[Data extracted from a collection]
<<<<

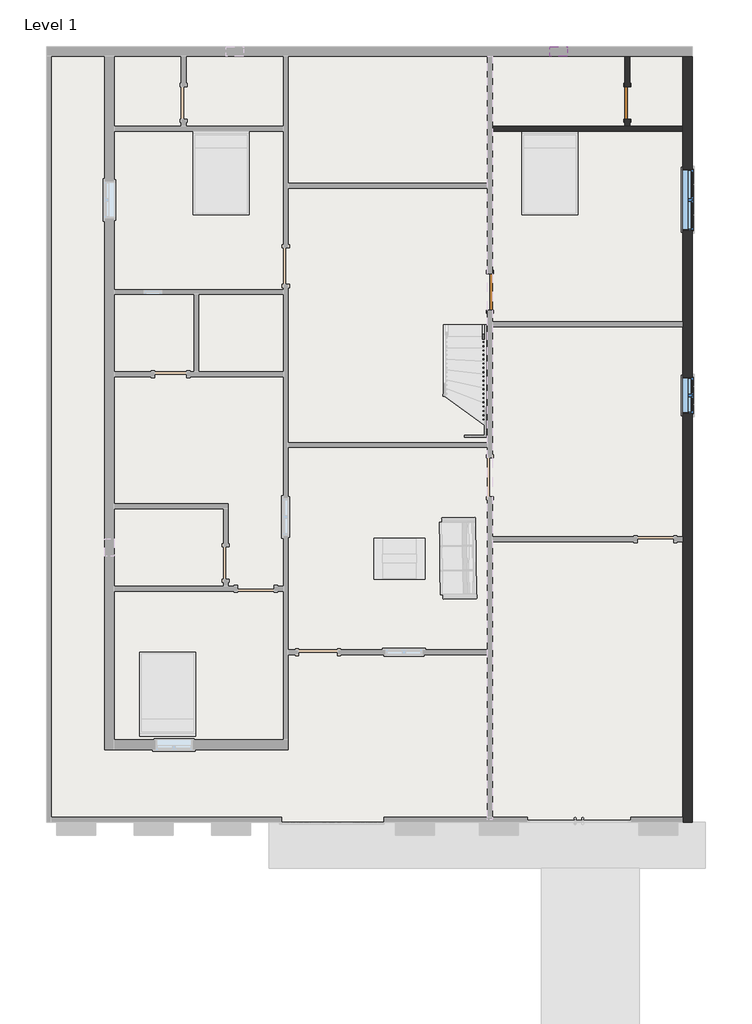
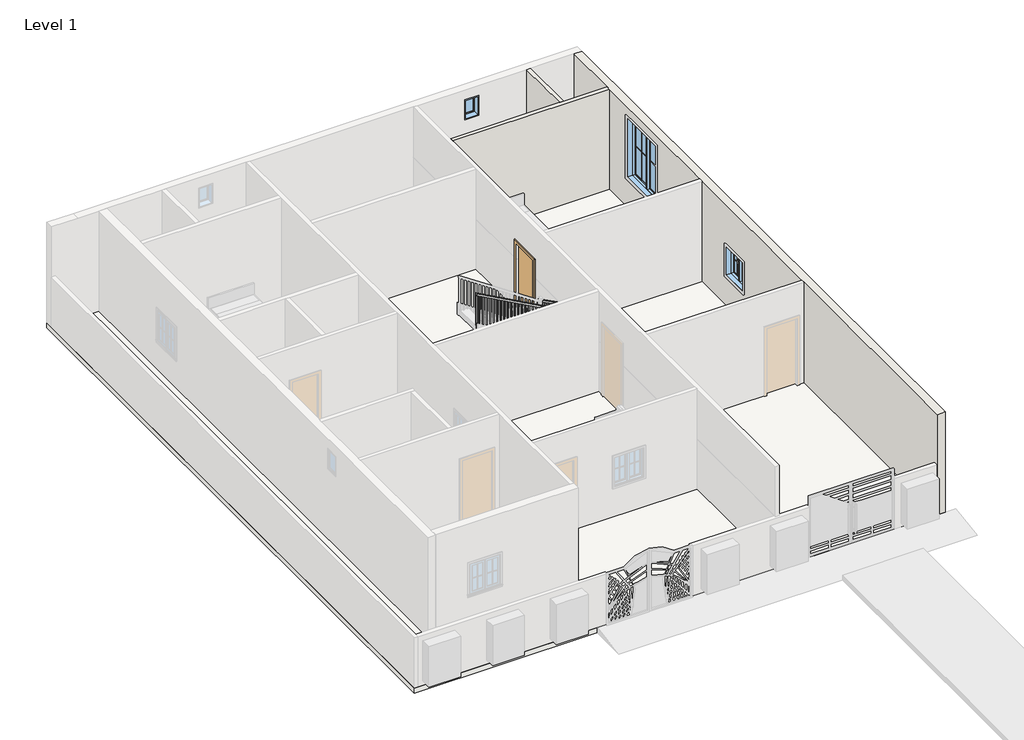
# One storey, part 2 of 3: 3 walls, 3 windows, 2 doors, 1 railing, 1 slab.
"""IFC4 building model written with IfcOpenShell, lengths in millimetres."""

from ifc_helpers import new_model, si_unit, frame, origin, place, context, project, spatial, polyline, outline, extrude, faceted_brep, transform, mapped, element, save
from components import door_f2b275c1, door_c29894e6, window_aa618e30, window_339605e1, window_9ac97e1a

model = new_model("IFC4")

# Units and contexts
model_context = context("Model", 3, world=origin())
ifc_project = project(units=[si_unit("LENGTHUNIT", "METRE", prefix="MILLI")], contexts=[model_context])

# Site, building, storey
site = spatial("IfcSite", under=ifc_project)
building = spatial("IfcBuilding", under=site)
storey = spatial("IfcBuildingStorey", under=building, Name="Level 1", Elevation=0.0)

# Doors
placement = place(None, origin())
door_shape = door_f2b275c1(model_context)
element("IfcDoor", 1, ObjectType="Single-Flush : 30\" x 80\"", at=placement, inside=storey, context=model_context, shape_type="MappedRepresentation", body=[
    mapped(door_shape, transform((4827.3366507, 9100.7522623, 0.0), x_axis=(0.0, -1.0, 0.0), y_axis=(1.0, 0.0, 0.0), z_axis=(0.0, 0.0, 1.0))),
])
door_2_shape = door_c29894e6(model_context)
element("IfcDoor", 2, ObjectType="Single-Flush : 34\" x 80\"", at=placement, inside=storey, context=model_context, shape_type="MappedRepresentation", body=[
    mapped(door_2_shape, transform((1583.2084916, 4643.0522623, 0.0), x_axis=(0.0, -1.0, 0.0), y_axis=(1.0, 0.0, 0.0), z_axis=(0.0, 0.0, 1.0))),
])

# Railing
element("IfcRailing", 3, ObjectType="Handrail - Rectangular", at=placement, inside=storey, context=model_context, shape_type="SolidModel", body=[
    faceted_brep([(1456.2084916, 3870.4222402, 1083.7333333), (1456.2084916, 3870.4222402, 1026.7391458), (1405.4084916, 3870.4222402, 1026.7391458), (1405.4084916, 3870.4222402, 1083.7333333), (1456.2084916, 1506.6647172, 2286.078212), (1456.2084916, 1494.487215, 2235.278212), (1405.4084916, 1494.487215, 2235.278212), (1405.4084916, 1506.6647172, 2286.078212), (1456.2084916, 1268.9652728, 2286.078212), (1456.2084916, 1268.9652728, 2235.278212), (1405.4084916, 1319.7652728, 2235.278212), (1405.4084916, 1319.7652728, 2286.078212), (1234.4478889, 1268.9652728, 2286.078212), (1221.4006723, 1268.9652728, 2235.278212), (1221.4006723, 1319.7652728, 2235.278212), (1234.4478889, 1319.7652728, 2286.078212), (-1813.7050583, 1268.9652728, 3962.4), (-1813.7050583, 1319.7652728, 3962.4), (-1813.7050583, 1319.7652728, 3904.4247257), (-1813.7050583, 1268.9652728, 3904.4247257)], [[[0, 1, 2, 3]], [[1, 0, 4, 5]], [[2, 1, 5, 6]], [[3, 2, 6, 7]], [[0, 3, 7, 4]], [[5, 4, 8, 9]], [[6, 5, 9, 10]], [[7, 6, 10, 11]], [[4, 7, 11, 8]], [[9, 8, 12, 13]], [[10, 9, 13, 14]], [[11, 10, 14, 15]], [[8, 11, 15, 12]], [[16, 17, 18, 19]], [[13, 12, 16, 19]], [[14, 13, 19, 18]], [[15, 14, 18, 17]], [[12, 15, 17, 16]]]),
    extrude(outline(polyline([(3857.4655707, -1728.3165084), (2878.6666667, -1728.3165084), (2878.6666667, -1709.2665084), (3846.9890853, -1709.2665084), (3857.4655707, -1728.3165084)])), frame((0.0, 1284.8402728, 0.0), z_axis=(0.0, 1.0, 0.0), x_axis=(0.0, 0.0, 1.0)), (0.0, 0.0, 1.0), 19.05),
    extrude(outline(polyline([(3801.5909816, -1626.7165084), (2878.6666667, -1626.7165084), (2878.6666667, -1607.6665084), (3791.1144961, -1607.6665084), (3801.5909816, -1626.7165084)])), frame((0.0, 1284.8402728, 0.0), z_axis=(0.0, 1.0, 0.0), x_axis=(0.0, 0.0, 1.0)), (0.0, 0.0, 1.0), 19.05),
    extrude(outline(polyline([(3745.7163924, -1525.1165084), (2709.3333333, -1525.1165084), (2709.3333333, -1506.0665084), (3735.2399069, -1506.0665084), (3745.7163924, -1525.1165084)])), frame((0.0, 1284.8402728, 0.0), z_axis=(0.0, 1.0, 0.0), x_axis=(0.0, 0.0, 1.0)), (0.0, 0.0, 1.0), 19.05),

>>>>

# About this task
Locate and copy each line in the data above that includes the word "Flush".

# Reply
element("IfcDoor", 1, ObjectType="Single-Flush : 30\" x 80\"", at=placement, inside=storey, context=model_context, shape_type="MappedRepresentation", body=[
element("IfcDoor", 2, ObjectType="Single-Flush : 34\" x 80\"", at=placement, inside=storey, context=model_context, shape_type="MappedRepresentation", body=[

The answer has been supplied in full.